▶ _Assignment_
Return exactly the lines from the start of the records below through the line containing "#1=APPLICATION_CONTEXT('core data for", both ends included, and leave out the pictures.
----
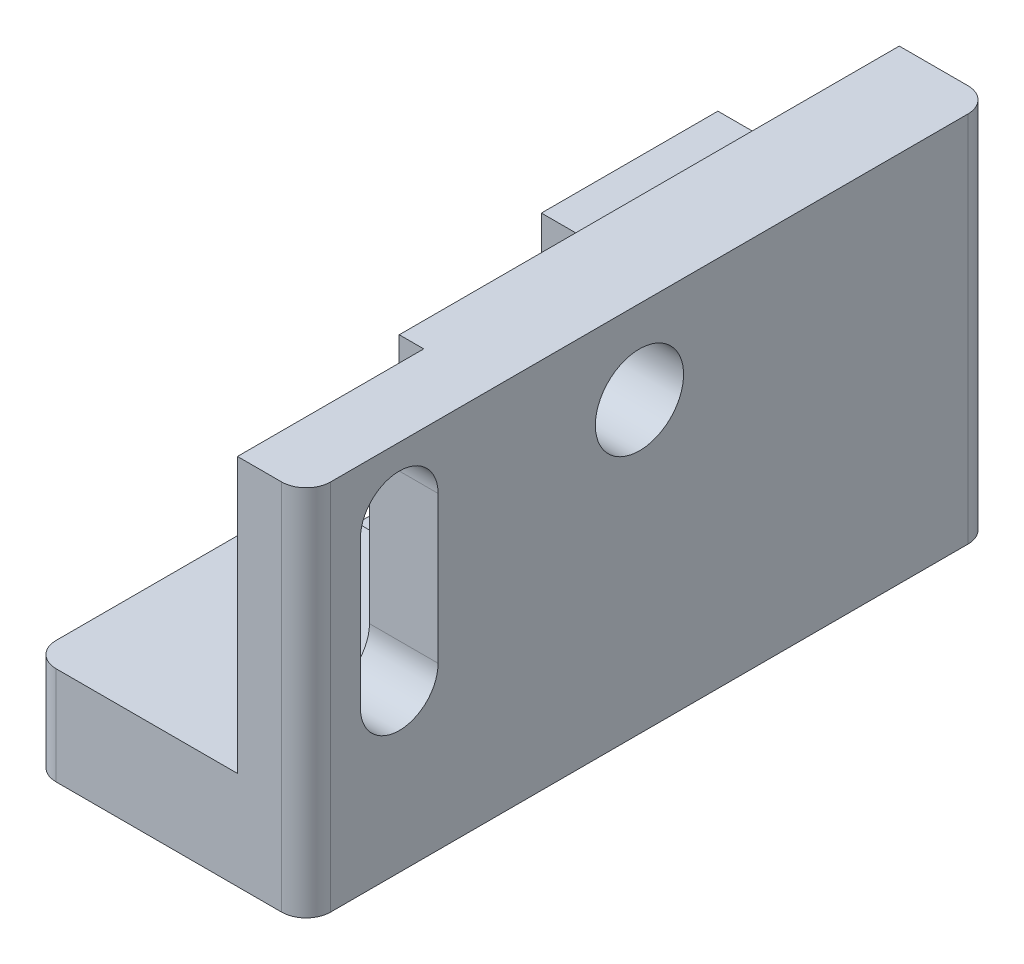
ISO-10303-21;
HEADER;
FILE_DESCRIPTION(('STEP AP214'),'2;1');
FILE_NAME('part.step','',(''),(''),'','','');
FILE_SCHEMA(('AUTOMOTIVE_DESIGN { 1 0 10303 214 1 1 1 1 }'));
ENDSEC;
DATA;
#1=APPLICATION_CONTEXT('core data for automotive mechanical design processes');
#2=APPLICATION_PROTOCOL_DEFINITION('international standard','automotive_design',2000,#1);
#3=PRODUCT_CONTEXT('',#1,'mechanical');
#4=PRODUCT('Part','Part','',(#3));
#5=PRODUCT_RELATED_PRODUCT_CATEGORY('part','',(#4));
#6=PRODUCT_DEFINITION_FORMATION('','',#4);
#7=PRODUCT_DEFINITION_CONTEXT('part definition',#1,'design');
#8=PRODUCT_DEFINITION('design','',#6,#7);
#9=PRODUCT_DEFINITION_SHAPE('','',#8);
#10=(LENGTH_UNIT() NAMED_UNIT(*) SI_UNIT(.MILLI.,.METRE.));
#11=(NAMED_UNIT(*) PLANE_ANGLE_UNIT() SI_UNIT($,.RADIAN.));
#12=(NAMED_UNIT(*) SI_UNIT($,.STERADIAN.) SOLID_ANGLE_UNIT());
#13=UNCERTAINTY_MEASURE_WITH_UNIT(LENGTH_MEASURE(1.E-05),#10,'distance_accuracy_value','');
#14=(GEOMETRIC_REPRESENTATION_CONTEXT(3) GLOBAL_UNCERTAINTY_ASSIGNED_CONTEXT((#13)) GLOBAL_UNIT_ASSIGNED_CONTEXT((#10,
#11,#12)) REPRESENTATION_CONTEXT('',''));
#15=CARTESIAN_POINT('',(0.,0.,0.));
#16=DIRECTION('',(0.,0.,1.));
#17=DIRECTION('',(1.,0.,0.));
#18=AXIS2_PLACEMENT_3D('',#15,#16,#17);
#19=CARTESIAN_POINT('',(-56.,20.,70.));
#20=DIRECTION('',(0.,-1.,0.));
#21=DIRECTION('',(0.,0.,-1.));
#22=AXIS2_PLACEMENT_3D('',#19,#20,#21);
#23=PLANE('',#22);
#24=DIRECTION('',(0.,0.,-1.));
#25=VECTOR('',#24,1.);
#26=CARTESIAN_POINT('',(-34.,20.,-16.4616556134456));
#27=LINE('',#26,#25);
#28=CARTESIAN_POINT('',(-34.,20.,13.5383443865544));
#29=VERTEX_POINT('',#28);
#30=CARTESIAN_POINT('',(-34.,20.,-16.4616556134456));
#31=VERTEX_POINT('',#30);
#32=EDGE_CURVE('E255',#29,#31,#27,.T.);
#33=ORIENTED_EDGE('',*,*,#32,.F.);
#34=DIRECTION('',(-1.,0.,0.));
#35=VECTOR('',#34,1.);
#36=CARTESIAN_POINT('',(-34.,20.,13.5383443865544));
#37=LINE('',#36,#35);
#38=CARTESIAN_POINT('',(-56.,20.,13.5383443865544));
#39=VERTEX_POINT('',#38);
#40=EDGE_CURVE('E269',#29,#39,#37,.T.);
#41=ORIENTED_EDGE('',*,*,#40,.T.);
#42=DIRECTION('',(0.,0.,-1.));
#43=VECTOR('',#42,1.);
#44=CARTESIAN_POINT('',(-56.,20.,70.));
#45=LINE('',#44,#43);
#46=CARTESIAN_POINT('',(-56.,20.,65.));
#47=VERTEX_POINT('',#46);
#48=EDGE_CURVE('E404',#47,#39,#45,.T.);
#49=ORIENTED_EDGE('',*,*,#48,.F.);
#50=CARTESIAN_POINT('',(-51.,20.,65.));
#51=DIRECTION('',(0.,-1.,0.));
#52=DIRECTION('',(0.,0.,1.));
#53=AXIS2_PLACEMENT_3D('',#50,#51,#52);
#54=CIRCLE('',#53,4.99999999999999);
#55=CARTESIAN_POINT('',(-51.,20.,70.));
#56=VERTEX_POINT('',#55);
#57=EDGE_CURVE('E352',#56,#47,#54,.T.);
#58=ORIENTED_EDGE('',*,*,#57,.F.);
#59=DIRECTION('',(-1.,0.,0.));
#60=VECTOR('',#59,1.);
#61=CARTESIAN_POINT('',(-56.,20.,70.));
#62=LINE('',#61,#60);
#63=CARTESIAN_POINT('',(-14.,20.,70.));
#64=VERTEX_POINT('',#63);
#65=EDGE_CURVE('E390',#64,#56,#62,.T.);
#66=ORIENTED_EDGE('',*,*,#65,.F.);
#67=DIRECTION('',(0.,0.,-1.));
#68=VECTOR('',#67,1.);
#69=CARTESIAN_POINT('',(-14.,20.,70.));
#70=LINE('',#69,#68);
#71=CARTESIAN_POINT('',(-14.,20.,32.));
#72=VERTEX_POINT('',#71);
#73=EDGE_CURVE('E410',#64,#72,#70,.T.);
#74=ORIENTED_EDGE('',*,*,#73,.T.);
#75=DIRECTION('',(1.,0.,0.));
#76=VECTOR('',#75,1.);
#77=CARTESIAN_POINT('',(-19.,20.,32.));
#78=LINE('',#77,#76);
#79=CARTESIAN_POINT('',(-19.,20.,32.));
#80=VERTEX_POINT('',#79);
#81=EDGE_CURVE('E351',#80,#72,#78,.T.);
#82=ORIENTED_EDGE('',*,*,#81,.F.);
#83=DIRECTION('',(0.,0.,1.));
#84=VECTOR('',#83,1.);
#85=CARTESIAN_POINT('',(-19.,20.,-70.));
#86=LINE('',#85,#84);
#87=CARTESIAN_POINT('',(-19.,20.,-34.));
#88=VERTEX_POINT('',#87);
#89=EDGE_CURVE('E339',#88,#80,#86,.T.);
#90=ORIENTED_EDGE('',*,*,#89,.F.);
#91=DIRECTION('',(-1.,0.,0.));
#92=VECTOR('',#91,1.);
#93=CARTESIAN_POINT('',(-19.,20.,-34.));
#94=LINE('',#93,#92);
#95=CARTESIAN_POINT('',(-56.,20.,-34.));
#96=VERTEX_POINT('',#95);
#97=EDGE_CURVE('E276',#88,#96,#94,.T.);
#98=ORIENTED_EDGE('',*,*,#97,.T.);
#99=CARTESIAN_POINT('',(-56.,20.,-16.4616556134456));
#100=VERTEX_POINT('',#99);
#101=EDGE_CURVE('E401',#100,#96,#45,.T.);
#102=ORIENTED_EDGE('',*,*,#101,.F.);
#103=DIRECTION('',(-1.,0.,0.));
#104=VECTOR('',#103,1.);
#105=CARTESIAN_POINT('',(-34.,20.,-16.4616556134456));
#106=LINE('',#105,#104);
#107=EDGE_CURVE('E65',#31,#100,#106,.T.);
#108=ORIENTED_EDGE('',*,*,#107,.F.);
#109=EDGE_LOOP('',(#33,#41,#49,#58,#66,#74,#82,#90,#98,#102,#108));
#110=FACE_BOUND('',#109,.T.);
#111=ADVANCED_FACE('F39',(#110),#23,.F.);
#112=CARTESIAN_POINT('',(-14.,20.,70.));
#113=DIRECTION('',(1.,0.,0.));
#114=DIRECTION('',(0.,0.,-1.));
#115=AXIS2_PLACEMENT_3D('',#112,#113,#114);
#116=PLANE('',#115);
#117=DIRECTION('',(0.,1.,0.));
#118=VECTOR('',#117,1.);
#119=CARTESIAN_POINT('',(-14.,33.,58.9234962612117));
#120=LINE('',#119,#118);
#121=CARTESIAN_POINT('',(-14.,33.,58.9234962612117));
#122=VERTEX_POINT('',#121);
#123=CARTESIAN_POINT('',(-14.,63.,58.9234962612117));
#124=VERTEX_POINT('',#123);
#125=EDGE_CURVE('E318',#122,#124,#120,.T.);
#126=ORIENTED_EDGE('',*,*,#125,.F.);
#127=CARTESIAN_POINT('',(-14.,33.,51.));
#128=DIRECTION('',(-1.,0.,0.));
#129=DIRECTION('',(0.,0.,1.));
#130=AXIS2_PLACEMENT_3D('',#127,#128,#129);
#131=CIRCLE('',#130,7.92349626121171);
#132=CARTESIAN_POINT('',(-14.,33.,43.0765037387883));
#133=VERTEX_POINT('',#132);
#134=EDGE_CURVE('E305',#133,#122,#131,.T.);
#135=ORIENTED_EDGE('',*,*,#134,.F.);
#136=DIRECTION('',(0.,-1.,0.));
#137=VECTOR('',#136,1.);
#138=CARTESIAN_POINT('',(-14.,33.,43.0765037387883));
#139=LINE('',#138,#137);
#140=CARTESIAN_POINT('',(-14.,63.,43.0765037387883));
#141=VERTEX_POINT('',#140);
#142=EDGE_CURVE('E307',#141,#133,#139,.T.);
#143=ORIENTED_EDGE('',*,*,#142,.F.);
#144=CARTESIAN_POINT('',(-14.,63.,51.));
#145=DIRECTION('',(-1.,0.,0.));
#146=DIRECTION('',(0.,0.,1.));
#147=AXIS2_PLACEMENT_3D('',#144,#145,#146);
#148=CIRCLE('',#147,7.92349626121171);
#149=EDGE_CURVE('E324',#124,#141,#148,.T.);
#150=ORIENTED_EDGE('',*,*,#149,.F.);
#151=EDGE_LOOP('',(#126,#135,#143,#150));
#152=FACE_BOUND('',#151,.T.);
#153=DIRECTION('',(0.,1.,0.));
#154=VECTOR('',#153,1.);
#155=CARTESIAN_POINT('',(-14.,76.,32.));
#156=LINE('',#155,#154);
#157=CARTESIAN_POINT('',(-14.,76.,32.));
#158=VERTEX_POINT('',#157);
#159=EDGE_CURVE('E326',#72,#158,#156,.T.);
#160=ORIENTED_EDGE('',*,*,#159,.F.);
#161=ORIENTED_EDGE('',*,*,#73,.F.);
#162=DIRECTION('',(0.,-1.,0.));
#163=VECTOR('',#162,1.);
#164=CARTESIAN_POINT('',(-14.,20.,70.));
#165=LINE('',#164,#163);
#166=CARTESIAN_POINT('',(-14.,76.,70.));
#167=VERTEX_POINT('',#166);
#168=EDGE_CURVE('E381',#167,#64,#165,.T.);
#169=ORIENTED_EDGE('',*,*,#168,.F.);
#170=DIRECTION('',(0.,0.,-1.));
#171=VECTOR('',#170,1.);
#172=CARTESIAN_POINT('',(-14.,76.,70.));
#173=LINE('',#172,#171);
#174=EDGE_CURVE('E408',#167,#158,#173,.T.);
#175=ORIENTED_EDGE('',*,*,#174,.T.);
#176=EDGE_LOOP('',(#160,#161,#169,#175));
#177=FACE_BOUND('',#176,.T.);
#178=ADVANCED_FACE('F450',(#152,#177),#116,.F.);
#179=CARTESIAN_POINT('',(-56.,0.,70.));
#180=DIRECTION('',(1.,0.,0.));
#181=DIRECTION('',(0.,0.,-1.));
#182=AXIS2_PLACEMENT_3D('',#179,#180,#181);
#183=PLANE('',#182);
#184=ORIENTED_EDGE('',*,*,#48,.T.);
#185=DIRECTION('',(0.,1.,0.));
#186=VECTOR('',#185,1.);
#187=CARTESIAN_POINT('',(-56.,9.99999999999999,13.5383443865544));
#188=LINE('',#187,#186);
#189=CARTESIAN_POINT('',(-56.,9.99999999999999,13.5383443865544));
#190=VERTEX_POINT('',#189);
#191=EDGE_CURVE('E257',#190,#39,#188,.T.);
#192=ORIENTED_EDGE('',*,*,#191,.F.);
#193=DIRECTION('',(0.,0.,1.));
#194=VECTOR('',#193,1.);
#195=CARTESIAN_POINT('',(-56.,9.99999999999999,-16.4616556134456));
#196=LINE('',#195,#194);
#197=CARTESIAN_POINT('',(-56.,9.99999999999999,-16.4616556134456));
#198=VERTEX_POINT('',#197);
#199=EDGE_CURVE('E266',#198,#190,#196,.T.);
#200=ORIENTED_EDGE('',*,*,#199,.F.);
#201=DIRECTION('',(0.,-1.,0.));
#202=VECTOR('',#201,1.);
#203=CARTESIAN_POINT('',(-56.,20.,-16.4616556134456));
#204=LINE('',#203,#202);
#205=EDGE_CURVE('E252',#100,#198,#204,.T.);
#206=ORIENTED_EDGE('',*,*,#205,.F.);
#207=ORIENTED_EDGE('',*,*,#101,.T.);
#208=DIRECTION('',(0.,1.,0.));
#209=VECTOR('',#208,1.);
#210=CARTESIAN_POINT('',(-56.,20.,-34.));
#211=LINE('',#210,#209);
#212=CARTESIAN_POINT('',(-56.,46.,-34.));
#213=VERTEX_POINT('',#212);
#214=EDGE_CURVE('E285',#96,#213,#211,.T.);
----
▶ _Expected answer_
ISO-10303-21;
HEADER;
FILE_DESCRIPTION(('STEP AP214'),'2;1');
FILE_NAME('part.step','',(''),(''),'','','');
FILE_SCHEMA(('AUTOMOTIVE_DESIGN { 1 0 10303 214 1 1 1 1 }'));
ENDSEC;
DATA;
#1=APPLICATION_CONTEXT('core data for automotive mechanical design processes');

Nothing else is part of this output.